Task directions ::
Would you please copy each line below that includes the string "origin"?
>>>>
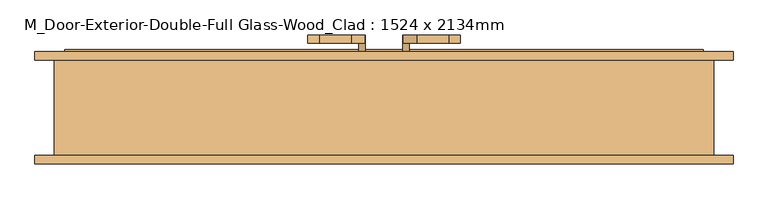
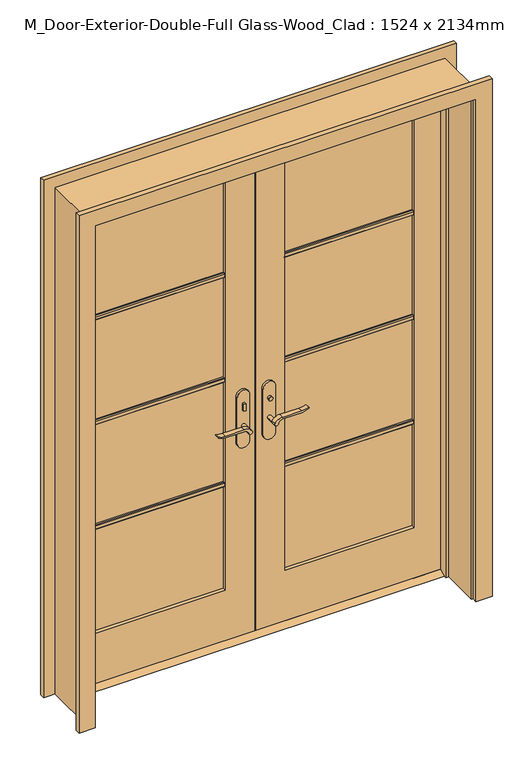
"""IFC4 building model written with IfcOpenShell, lengths in millimetres: door geometry, M_Door-Exterior-Double-Full Glass-Wood_Clad : 1524 x 2134mm."""

from ifc_helpers import new_model, si_unit, point, frame, frame_2d, origin, place, context, project, spatial, polyline, circle_curve, trimmed, segment, composite_curve, outline, extrude, faceted_brep, source, transform, mapped, element, save


def m_door_exterior_double_full_glass_wood_clad_1524_x_2134mm_606f56d5(model_context):
    return source(origin(), model_context, "Body", "SolidModel", [
        extrude(outline(polyline([(76.125, 15.0), (111.125, 15.0), (136.525, 0.0), (50.725, 0.0), (76.125, 15.0)])), frame((-762.0, 0.0, 0.0), z_axis=(1.0, 0.0, 0.0), x_axis=(0.0, 1.0, 0.0)), (0.0, 0.0, 1.0), 1524.0),
        extrude(outline(polyline([(-47.4019111, 56.125), (-57.4019111, 56.125), (-57.4019111, 66.125), (-47.4019111, 66.125), (-47.4019111, 56.125)])), frame((0.0, 0.0, 981.9), z_axis=(0.0, 0.0, 1.0), x_axis=(1.0, 0.0, 0.0)), (0.0, 0.0, 1.0), 30.0),
        extrude(outline(composite_curve([segment(trimmed(circle_curve(frame_2d((996.9, -52.4019111)), 8.0), [point((996.9, -60.4019111))], [point((996.9, -44.4019111))], False, "CARTESIAN"), True, "CONTINUOUS"), segment(trimmed(circle_curve(frame_2d((996.9, -52.4019111)), 8.0), [point((996.9, -44.4019111))], [point((996.9, -60.4019111))], False, "CARTESIAN"), True, "CONTINUOUS")], self_intersect=False)), frame((0.0, 121.125, 0.0), z_axis=(0.0, 1.0, 0.0), x_axis=(0.0, 0.0, 1.0)), (0.0, 0.0, 1.0), 10.0),
        extrude(outline(composite_curve([segment(trimmed(circle_curve(frame_2d((897.1555521, -76.0694241)), 37.2832219), [point((919.0523287, -45.8937749))], [point((934.4, -77.7693445))], False, "CARTESIAN"), True, "CONTINUOUS"), segment(polyline([(934.4, -77.7693445), (934.4, -154.045502)]), True, "CONTINUOUS"), segment(trimmed(circle_curve(frame_2d((1017.6850638, -153.9791202)), 83.2850902), [point((934.4, -154.045502))], [point((939.4, -182.4019111))], True, "CARTESIAN"), True, "CONTINUOUS"), segment(polyline([(939.4, -182.4019111), (936.6135558, -182.4019111)]), True, "CONTINUOUS"), segment(trimmed(circle_curve(frame_2d((986.6709207, -150.4622499)), 59.3791355), [point((936.6135558, -182.4019111))], [point((927.4, -154.045502))], False, "CARTESIAN"), True, "CONTINUOUS"), segment(polyline([(927.4, -154.045502), (927.4, -77.7881013)]), True, "CONTINUOUS"), segment(trimmed(circle_curve(frame_2d((909.2738613, -77.7881013)), 18.1261387), [point((927.4, -77.7881013))], [point((914.4, -60.4019111))], True, "CARTESIAN"), True, "CONTINUOUS"), segment(trimmed(circle_curve(frame_2d((914.4, -52.4019111)), 8.0), [point((914.4, -60.4019111))], [point((919.0523287, -45.8937749))], False, "CARTESIAN"), True, "CONTINUOUS")], self_intersect=False)), frame((0.0, 16.125, 0.0), z_axis=(0.0, 1.0, 0.0), x_axis=(0.0, 0.0, 1.0)), (0.0, 0.0, 1.0), 20.0),
        extrude(outline(composite_curve([segment(trimmed(circle_curve(frame_2d((914.4, -52.4019111)), 8.0), [point((914.3999903, -60.4019111))], [point((919.0523287, -45.8937749))], False, "CARTESIAN"), True, "CONTINUOUS"), segment(trimmed(circle_curve(frame_2d((897.1555521, -76.0694241)), 37.2832219), [point((919.0523287, -45.8937749))], [point((934.4, -77.7693445))], False, "CARTESIAN"), True, "CONTINUOUS"), segment(polyline([(934.4, -77.7693445), (934.4, -154.045502)]), True, "CONTINUOUS"), segment(trimmed(circle_curve(frame_2d((1017.6850638, -153.9791202)), 83.2850902), [point((934.4, -154.045502))], [point((939.4, -182.4019111))], True, "CARTESIAN"), True, "CONTINUOUS"), segment(polyline([(939.4, -182.4019111), (936.6135558, -182.4019111)]), True, "CONTINUOUS"), segment(trimmed(circle_curve(frame_2d((986.6709207, -150.4622499)), 59.3791355), [point((936.6135558, -182.4019111))], [point((927.4, -154.045502))], False, "CARTESIAN"), True, "CONTINUOUS"), segment(polyline([(927.4, -154.045502), (927.4, -77.788099)]), True, "CONTINUOUS"), segment(trimmed(circle_curve(frame_2d((909.2738682, -77.788099)), 18.1261318), [point((927.4, -77.788099))], [point((914.3999903, -60.4019111))], True, "CARTESIAN"), True, "CONTINUOUS")], self_intersect=False)), frame((0.0, 151.125, 0.0), z_axis=(0.0, 1.0, 0.0), x_axis=(0.0, 0.0, 1.0)), (0.0, 0.0, 1.0), 20.0),
        extrude(outline(composite_curve([segment(trimmed(circle_curve(frame_2d((914.4, -52.4019111)), 8.0), [point((914.4, -60.4019111))], [point((914.4, -44.4019111))], False, "CARTESIAN"), True, "CONTINUOUS"), segment(trimmed(circle_curve(frame_2d((914.4, -52.4019111)), 8.0), [point((914.4, -44.4019111))], [point((914.4, -60.4019111))], False, "CARTESIAN"), True, "CONTINUOUS")], self_intersect=False)), frame((0.0, 36.125, 0.0), z_axis=(0.0, 1.0, 0.0), x_axis=(0.0, 0.0, 1.0)), (0.0, 0.0, 1.0), 30.0),
        extrude(outline(composite_curve([segment(trimmed(circle_curve(frame_2d((914.4, -52.4019111)), 8.0), [point((914.4, -60.4019111))], [point((914.4, -44.4019111))], False, "CARTESIAN"), True, "CONTINUOUS"), segment(trimmed(circle_curve(frame_2d((914.4, -52.4019111)), 8.0), [point((914.4, -44.4019111))], [point((914.4, -60.4019111))], False, "CARTESIAN"), True, "CONTINUOUS")], self_intersect=False)), frame((0.0, 121.125, 0.0), z_axis=(0.0, 1.0, 0.0), x_axis=(0.0, 0.0, 1.0)), (0.0, 0.0, 1.0), 30.0),
        extrude(outline(composite_curve([segment(polyline([(844.4, -27.4019111), (1039.4, -27.4019111)]), True, "CONTINUOUS"), segment(trimmed(circle_curve(frame_2d((1039.4, -52.4019111)), 25.0), [point((1039.4, -27.4019111))], [point((1039.4, -77.4019111))], False, "CARTESIAN"), True, "CONTINUOUS"), segment(polyline([(1039.4, -77.4019111), (844.4, -77.4019111)]), True, "CONTINUOUS"), segment(trimmed(circle_curve(frame_2d((844.4, -52.4019111)), 25.0), [point((844.4, -77.4019111))], [point((844.4, -27.4019111))], False, "CARTESIAN"), True, "CONTINUOUS")], self_intersect=False)), frame((0.0, 66.125, 0.0), z_axis=(0.0, 1.0, 0.0), x_axis=(0.0, 0.0, 1.0)), (0.0, 0.0, 1.0), 10.0),
        extrude(outline(composite_curve([segment(polyline([(844.4, -27.4019111), (1039.4, -27.4019111)]), True, "CONTINUOUS"), segment(trimmed(circle_curve(frame_2d((1039.4, -52.4019111)), 25.0), [point((1039.4, -27.4019111))], [point((1039.4, -77.4019111))], False, "CARTESIAN"), True, "CONTINUOUS"), segment(polyline([(1039.4, -77.4019111), (844.4, -77.4019111)]), True, "CONTINUOUS"), segment(trimmed(circle_curve(frame_2d((844.4, -52.4019111)), 25.0), [point((844.4, -77.4019111))], [point((844.4, -27.4019111))], False, "CARTESIAN"), True, "CONTINUOUS")], self_intersect=False)), frame((0.0, 111.125, 0.0), z_axis=(0.0, 1.0, 0.0), x_axis=(0.0, 0.0, 1.0)), (0.0, 0.0, 1.0), 10.0),
        extrude(outline(polyline([(47.3875, 131.125), (57.3875, 131.125), (57.3875, 121.125), (47.3875, 121.125), (47.3875, 131.125)])), frame((0.0, 0.0, 981.9), z_axis=(0.0, 0.0, 1.0), x_axis=(1.0, 0.0, 0.0)), (0.0, 0.0, 1.0), 30.0),
        extrude(outline(composite_curve([segment(trimmed(circle_curve(frame_2d((996.9, 52.3875)), 8.0), [point((996.9, 60.3875))], [point((996.9, 44.3875))], False, "CARTESIAN"), True, "CONTINUOUS"), segment(trimmed(circle_curve(frame_2d((996.9, 52.3875)), 8.0), [point((996.9, 44.3875))], [point((996.9, 60.3875))], False, "CARTESIAN"), True, "CONTINUOUS")], self_intersect=False)), frame((0.0, 56.125, 0.0), z_axis=(0.0, 1.0, 0.0), x_axis=(0.0, 0.0, 1.0)), (0.0, 0.0, 1.0), 10.0),
        extrude(outline(composite_curve([segment(trimmed(circle_curve(frame_2d((914.4, 52.3875)), 8.0), [point((919.0523287, 45.8793637))], [point((914.4, 60.3875))], False, "CARTESIAN"), True, "CONTINUOUS"), segment(trimmed(circle_curve(frame_2d((909.2738613, 77.7736901)), 18.1261387), [point((914.4, 60.3875))], [point((927.4, 77.7736901))], True, "CARTESIAN"), True, "CONTINUOUS"), segment(polyline([(927.4, 77.7736901), (927.4, 154.0310909)]), True, "CONTINUOUS"), segment(trimmed(circle_curve(frame_2d((986.6709207, 150.4478388)), 59.3791355), [point((927.4, 154.0310909))], [point((936.6135558, 182.3875))], False, "CARTESIAN"), True, "CONTINUOUS"), segment(polyline([(936.6135558, 182.3875), (939.4, 182.3875)]), True, "CONTINUOUS"), segment(trimmed(circle_curve(frame_2d((1017.6850638, 153.9647091)), 83.2850902), [point((939.4, 182.3875))], [point((934.4, 154.0310909))], True, "CARTESIAN"), True, "CONTINUOUS"), segment(polyline([(934.4, 154.0310909), (934.4, 77.7549333)]), True, "CONTINUOUS"), segment(trimmed(circle_curve(frame_2d((897.1555521, 76.0550129)), 37.2832219), [point((934.4, 77.7549333))], [point((919.0523287, 45.8793637))], False, "CARTESIAN"), True, "CONTINUOUS")], self_intersect=False)), frame((0.0, 151.125, 0.0), z_axis=(0.0, 1.0, 0.0), x_axis=(0.0, 0.0, 1.0)), (0.0, 0.0, 1.0), 20.0),
        extrude(outline(composite_curve([segment(trimmed(circle_curve(frame_2d((909.2738682, 77.7736878)), 18.1261318), [point((914.3999903, 60.3875))], [point((927.4, 77.7736878))], True, "CARTESIAN"), True, "CONTINUOUS"), segment(polyline([(927.4, 77.7736878), (927.4, 154.0310909)]), True, "CONTINUOUS"), segment(trimmed(circle_curve(frame_2d((986.6709207, 150.4478388)), 59.3791355), [point((927.4, 154.0310909))], [point((936.6135558, 182.3875))], False, "CARTESIAN"), True, "CONTINUOUS"), segment(polyline([(936.6135558, 182.3875), (939.4, 182.3875)]), True, "CONTINUOUS"), segment(trimmed(circle_curve(frame_2d((1017.6850638, 153.9647091)), 83.2850902), [point((939.4, 182.3875))], [point((934.4, 154.0310909))], True, "CARTESIAN"), True, "CONTINUOUS"), segment(polyline([(934.4, 154.0310909), (934.4, 77.7549333)]), True, "CONTINUOUS"), segment(trimmed(circle_curve(frame_2d((897.1555521, 76.0550129)), 37.2832219), [point((934.4, 77.7549333))], [point((919.0523287, 45.8793637))], False, "CARTESIAN"), True, "CONTINUOUS"), segment(trimmed(circle_curve(frame_2d((914.4, 52.3875)), 8.0), [point((919.0523287, 45.8793637))], [point((914.3999903, 60.3875))], False, "CARTESIAN"), True, "CONTINUOUS")], self_intersect=False)), frame((0.0, 16.125, 0.0), z_axis=(0.0, 1.0, 0.0), x_axis=(0.0, 0.0, 1.0)), (0.0, 0.0, 1.0), 20.0),
        extrude(outline(composite_curve([segment(trimmed(circle_curve(frame_2d((914.4, 52.3875)), 8.0), [point((914.4, 60.3875))], [point((914.4, 44.3875))], False, "CARTESIAN"), True, "CONTINUOUS"), segment(trimmed(circle_curve(frame_2d((914.4, 52.3875)), 8.0), [point((914.4, 44.3875))], [point((914.4, 60.3875))], False, "CARTESIAN"), True, "CONTINUOUS")], self_intersect=False)), frame((0.0, 121.125, 0.0), z_axis=(0.0, 1.0, 0.0), x_axis=(0.0, 0.0, 1.0)), (0.0, 0.0, 1.0), 30.0),
        extrude(outline(composite_curve([segment(trimmed(circle_curve(frame_2d((914.4, 52.3875)), 8.0), [point((914.4, 60.3875))], [point((914.4, 44.3875))], False, "CARTESIAN"), True, "CONTINUOUS"), segment(trimmed(circle_curve(frame_2d((914.4, 52.3875)), 8.0), [point((914.4, 44.3875))], [point((914.4, 60.3875))], False, "CARTESIAN"), True, "CONTINUOUS")], self_intersect=False)), frame((0.0, 36.125, 0.0), z_axis=(0.0, 1.0, 0.0), x_axis=(0.0, 0.0, 1.0)), (0.0, 0.0, 1.0), 30.0),
        extrude(outline(composite_curve([segment(trimmed(circle_curve(frame_2d((844.4, 52.3875)), 25.0), [point((844.4, 27.3875))], [point((844.4, 77.3875))], False, "CARTESIAN"), True, "CONTINUOUS"), segment(polyline([(844.4, 77.3875), (1039.4, 77.3875)]), True, "CONTINUOUS"), segment(trimmed(circle_curve(frame_2d((1039.4, 52.3875)), 25.0), [point((1039.4, 77.3875))], [point((1039.4, 27.3875))], False, "CARTESIAN"), True, "CONTINUOUS"), segment(polyline([(1039.4, 27.3875), (844.4, 27.3875)]), True, "CONTINUOUS")], self_intersect=False)), frame((0.0, 111.125, 0.0), z_axis=(0.0, 1.0, 0.0), x_axis=(0.0, 0.0, 1.0)), (0.0, 0.0, 1.0), 10.0),
        extrude(outline(composite_curve([segment(trimmed(circle_curve(frame_2d((844.4, 52.3875)), 25.0), [point((844.4, 27.3875))], [point((844.4, 77.3875))], False, "CARTESIAN"), True, "CONTINUOUS"), segment(polyline([(844.4, 77.3875), (1039.4, 77.3875)]), True, "CONTINUOUS"), segment(trimmed(circle_curve(frame_2d((1039.4, 52.3875)), 25.0), [point((1039.4, 77.3875))], [point((1039.4, 27.3875))], False, "CARTESIAN"), True, "CONTINUOUS"), segment(polyline([(1039.4, 27.3875), (844.4, 27.3875)]), True, "CONTINUOUS")], self_intersect=False)), frame((0.0, 66.125, 0.0), z_axis=(0.0, 1.0, 0.0), x_axis=(0.0, 0.0, 1.0)), (0.0, 0.0, 1.0), 10.0),
        extrude(outline(polyline([(90.125, 1577.225), (90.125, 1558.175), (83.775, 1558.175), (80.6, 1561.35), (80.6, 1574.05), (83.775, 1577.225), (90.125, 1577.225)])), frame((120.0, 0.0, 0.0), z_axis=(1.0, 0.0, 0.0), x_axis=(0.0, 1.0, 0.0)), (0.0, 0.0, 1.0), 522.0),
        extrude(outline(polyline([(90.125, 1131.325), (90.125, 1112.275), (83.775, 1112.275), (80.6, 1115.45), (80.6, 1128.15), (83.775, 1131.325), (90.125, 1131.325)])), frame((120.0, 0.0, 0.0), z_axis=(1.0, 0.0, 0.0), x_axis=(0.0, 1.0, 0.0)), (0.0, 0.0, 1.0), 522.0),
        extrude(outline(polyline([(90.125, 685.425), (90.125, 666.375), (83.775, 666.375), (80.6, 669.55), (80.6, 682.25), (83.775, 685.425), (90.125, 685.425)])), frame((120.0, 0.0, 0.0), z_axis=(1.0, 0.0, 0.0), x_axis=(0.0, 1.0, 0.0)), (0.0, 0.0, 1.0), 522.0),
        extrude(outline(polyline([(97.125, 1577.225), (103.475, 1577.225), (106.65, 1574.05), (106.65, 1561.35), (103.475, 1558.175), (97.125, 1558.175), (97.125, 1577.225)])), frame((-642.0, 0.0, 0.0), z_axis=(1.0, 0.0, 0.0), x_axis=(0.0, 1.0, 0.0)), (0.0, 0.0, 1.0), 522.0),
        extrude(outline(polyline([(97.125, 1131.325), (103.475, 1131.325), (106.65, 1128.15), (106.65, 1115.45), (103.475, 1112.275), (97.125, 1112.275), (97.125, 1131.325)])), frame((-642.0, 0.0, 0.0), z_axis=(1.0, 0.0, 0.0), x_axis=(0.0, 1.0, 0.0)), (0.0, 0.0, 1.0), 522.0),
        extrude(outline(polyline([(97.125, 685.425), (103.475, 685.425), (106.65, 682.25), (106.65, 669.55), (103.475, 666.375), (97.125, 666.375), (97.125, 685.425)])), frame((-642.0, 0.0, 0.0), z_axis=(1.0, 0.0, 0.0), x_axis=(0.0, 1.0, 0.0)), (0.0, 0.0, 1.0), 522.0),
        extrude(outline(polyline([(97.125, 1577.225), (103.475, 1577.225), (106.65, 1574.05), (106.65, 1561.35), (103.475, 1558.175), (97.125, 1558.175), (97.125, 1577.225)])), frame((120.0, 0.0, 0.0), z_axis=(1.0, 0.0, 0.0), x_axis=(0.0, 1.0, 0.0)), (0.0, 0.0, 1.0), 522.0),
        extrude(outline(polyline([(97.125, 1131.325), (103.475, 1131.325), (106.65, 1128.15), (106.65, 1115.45), (103.475, 1112.275), (97.125, 1112.275), (97.125, 1131.325)])), frame((120.0, 0.0, 0.0), z_axis=(1.0, 0.0, 0.0), x_axis=(0.0, 1.0, 0.0)), (0.0, 0.0, 1.0), 522.0),
        extrude(outline(polyline([(97.125, 685.425), (103.475, 685.425), (106.65, 682.25), (106.65, 669.55), (103.475, 666.375), (97.125, 666.375), (97.125, 685.425)])), frame((120.0, 0.0, 0.0), z_axis=(1.0, 0.0, 0.0), x_axis=(0.0, 1.0, 0.0)), (0.0, 0.0, 1.0), 522.0),
        extrude(outline(polyline([(90.125, 1577.225), (90.125, 1558.175), (83.775, 1558.175), (80.6, 1561.35), (80.6, 1574.05), (83.775, 1577.225), (90.125, 1577.225)])), frame((-642.0, 0.0, 0.0), z_axis=(1.0, 0.0, 0.0), x_axis=(0.0, 1.0, 0.0)), (0.0, 0.0, 1.0), 522.0),
        extrude(outline(polyline([(90.125, 1131.325), (90.125, 1112.275), (83.775, 1112.275), (80.6, 1115.45), (80.6, 1128.15), (83.775, 1131.325), (90.125, 1131.325)])), frame((-642.0, 0.0, 0.0), z_axis=(1.0, 0.0, 0.0), x_axis=(0.0, 1.0, 0.0)), (0.0, 0.0, 1.0), 522.0),
        extrude(outline(polyline([(90.125, 685.425), (90.125, 666.375), (83.775, 666.375), (80.6, 669.55), (80.6, 682.25), (83.775, 685.425), (90.125, 685.425)])), frame((-642.0, 0.0, 0.0), z_axis=(1.0, 0.0, 0.0), x_axis=(0.0, 1.0, 0.0)), (0.0, 0.0, 1.0), 522.0),
        extrude(outline(polyline([(0.0, 768.35), (0.0, 833.35), (2204.95, 833.35), (2204.95, -833.35), (0.0, -833.35), (0.0, -768.35), (2139.95, -768.35), (2139.95, 768.35), (0.0, 768.35)])), frame((0.0, 111.125, 0.0), z_axis=(0.0, 1.0, 0.0), x_axis=(0.0, 0.0, 1.0)), (0.0, 0.0, 1.0), 20.0),
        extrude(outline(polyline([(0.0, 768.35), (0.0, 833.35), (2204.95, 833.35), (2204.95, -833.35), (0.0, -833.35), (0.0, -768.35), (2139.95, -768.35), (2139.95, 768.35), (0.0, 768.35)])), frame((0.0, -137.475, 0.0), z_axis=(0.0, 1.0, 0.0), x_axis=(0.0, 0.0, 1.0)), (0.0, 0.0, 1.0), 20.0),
<<<<
Response to this task ::
from ifc_helpers import new_model, si_unit, point, frame, frame_2d, origin, place, context, project, spatial, polyline, circle_curve, trimmed, segment, composite_curve, outline, extrude, faceted_brep, source, transform, mapped, element, save
    return source(origin(), model_context, "Body", "SolidModel", [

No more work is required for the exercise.